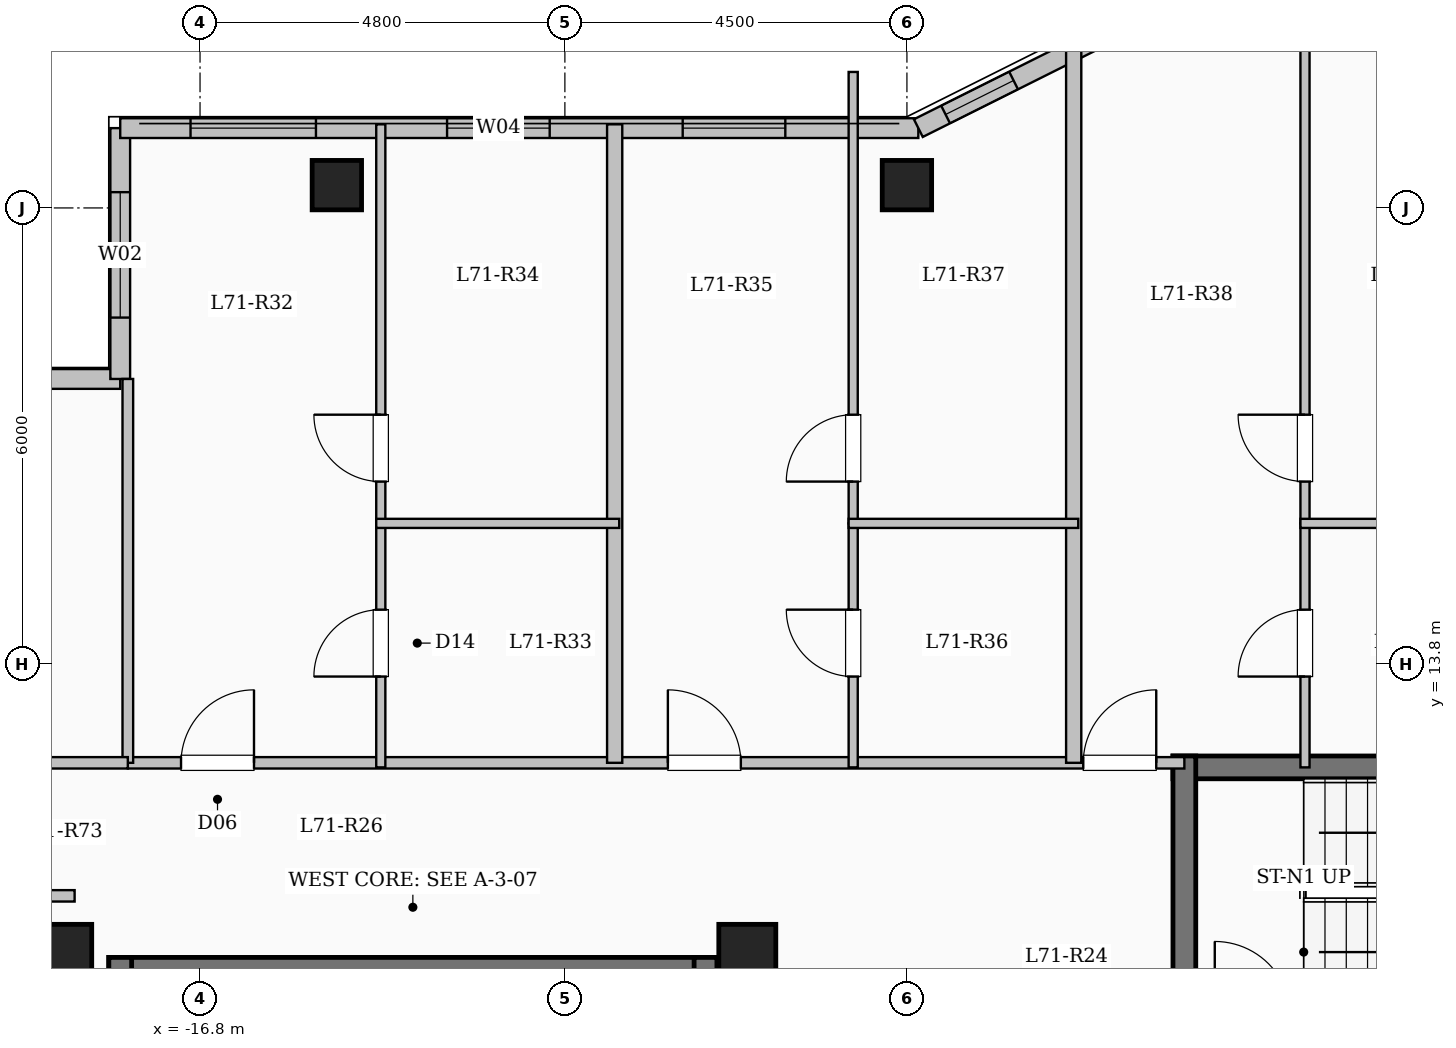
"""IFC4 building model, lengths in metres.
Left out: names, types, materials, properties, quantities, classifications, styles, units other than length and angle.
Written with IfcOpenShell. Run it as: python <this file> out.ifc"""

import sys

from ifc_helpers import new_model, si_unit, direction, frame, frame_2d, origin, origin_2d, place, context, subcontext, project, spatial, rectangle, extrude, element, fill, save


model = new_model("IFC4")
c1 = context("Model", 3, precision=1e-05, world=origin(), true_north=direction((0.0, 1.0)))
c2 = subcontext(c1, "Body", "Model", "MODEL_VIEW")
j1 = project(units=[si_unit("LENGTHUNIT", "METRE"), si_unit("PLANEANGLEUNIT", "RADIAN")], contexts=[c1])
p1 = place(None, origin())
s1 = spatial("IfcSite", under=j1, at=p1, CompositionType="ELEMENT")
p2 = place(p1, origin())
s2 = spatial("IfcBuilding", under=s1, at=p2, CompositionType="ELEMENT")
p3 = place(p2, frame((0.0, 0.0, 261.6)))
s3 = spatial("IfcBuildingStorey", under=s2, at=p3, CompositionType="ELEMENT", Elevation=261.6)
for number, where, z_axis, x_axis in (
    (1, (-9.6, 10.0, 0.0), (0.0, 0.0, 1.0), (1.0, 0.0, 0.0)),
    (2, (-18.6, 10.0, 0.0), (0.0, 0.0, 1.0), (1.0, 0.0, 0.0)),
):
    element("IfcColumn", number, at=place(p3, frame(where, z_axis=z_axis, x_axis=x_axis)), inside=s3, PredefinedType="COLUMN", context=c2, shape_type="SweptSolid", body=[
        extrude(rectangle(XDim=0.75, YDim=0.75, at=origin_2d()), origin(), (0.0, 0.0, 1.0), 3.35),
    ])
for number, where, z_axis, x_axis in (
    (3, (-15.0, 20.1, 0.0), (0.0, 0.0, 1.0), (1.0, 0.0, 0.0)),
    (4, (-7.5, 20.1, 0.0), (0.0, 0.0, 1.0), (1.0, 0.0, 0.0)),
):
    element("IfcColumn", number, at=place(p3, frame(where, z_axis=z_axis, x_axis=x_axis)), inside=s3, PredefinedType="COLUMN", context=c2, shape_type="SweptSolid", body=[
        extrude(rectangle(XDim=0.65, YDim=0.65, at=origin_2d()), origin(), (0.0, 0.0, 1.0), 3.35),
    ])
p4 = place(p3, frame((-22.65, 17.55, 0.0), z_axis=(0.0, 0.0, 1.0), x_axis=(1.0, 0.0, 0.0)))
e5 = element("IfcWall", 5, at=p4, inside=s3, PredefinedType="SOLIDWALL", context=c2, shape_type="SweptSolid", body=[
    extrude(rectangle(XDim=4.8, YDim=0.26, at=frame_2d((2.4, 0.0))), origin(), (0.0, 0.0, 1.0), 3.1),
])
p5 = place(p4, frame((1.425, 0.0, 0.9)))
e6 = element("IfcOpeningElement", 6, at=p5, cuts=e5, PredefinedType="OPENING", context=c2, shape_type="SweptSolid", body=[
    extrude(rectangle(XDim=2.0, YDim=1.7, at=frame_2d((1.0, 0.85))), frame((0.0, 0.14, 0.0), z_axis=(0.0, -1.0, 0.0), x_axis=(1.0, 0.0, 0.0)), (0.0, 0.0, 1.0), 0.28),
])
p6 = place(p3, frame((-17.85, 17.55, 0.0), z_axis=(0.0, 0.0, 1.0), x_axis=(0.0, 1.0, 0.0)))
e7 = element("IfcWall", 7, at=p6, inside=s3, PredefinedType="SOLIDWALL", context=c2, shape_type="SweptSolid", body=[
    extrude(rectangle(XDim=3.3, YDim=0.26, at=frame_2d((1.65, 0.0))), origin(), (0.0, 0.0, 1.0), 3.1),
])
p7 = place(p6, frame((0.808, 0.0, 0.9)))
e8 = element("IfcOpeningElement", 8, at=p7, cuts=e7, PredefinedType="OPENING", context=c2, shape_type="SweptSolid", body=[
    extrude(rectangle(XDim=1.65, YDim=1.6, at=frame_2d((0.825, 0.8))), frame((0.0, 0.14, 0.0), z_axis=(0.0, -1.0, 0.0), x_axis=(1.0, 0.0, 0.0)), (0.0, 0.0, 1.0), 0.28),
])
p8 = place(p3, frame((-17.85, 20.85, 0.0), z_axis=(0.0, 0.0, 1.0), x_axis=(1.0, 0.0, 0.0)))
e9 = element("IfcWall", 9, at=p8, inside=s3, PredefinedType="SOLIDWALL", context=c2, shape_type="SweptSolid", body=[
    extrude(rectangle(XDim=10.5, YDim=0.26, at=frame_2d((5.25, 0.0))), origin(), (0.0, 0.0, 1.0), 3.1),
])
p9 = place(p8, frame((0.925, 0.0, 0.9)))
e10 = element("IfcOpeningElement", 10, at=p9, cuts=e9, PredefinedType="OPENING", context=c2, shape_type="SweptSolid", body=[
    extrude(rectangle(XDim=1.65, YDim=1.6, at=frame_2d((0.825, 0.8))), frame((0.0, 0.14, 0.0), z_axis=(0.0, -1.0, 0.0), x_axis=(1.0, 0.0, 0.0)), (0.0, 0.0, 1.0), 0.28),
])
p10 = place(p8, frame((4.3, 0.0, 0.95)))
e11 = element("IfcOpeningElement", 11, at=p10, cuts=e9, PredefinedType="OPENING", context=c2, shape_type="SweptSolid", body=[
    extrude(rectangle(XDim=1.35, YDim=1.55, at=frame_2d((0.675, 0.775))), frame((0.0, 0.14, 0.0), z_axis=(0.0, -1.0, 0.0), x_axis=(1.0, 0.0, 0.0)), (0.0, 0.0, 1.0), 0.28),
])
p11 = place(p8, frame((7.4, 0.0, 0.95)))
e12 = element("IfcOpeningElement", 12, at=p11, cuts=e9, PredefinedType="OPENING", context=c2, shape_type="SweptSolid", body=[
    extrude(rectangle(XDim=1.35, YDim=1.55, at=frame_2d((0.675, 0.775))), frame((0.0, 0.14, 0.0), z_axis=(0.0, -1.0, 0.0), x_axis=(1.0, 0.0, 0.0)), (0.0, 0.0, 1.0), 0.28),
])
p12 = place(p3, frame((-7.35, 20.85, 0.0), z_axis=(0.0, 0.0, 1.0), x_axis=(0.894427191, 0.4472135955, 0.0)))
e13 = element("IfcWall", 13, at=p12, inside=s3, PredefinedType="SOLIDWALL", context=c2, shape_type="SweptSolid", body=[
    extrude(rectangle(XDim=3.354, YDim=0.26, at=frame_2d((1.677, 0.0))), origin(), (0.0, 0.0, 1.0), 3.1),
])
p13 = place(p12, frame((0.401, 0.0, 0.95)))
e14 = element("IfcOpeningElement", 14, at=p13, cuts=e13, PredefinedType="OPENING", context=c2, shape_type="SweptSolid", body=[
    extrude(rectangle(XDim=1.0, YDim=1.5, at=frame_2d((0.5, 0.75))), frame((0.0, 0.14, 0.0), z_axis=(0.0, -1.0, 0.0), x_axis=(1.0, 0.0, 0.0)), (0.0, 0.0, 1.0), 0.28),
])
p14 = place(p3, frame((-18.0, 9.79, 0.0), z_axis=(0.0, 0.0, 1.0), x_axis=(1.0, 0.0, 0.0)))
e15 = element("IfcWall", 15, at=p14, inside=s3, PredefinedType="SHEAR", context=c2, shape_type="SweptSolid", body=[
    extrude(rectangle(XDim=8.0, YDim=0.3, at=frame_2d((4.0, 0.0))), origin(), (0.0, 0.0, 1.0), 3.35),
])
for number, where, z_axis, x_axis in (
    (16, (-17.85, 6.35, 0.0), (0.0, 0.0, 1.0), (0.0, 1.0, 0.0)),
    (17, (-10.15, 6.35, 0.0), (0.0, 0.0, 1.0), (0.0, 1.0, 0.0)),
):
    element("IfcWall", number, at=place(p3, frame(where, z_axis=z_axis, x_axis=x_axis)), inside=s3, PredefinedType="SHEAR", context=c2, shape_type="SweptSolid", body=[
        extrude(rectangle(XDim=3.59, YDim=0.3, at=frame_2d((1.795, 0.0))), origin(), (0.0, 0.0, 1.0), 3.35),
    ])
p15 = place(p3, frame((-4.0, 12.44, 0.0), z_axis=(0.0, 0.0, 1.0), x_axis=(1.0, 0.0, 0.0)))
● ● ●
YOUR GOAL
Your reply should consist solely of the lines above, from the opening line through the line with "world=origin(), true_north=direction((0.0, 1.0)))", reproduced exactly and without pictures.

ANSWER TO THE EXERCISE
"""IFC4 building model, lengths in metres.
Left out: names, types, materials, properties, quantities, classifications, styles, units other than length and angle.
Written with IfcOpenShell. Run it as: python <this file> out.ifc"""

import sys

from ifc_helpers import new_model, si_unit, direction, frame, frame_2d, origin, origin_2d, place, context, subcontext, project, spatial, rectangle, extrude, element, fill, save


model = new_model("IFC4")
c1 = context("Model", 3, precision=1e-05, world=origin(), true_north=direction((0.0, 1.0)))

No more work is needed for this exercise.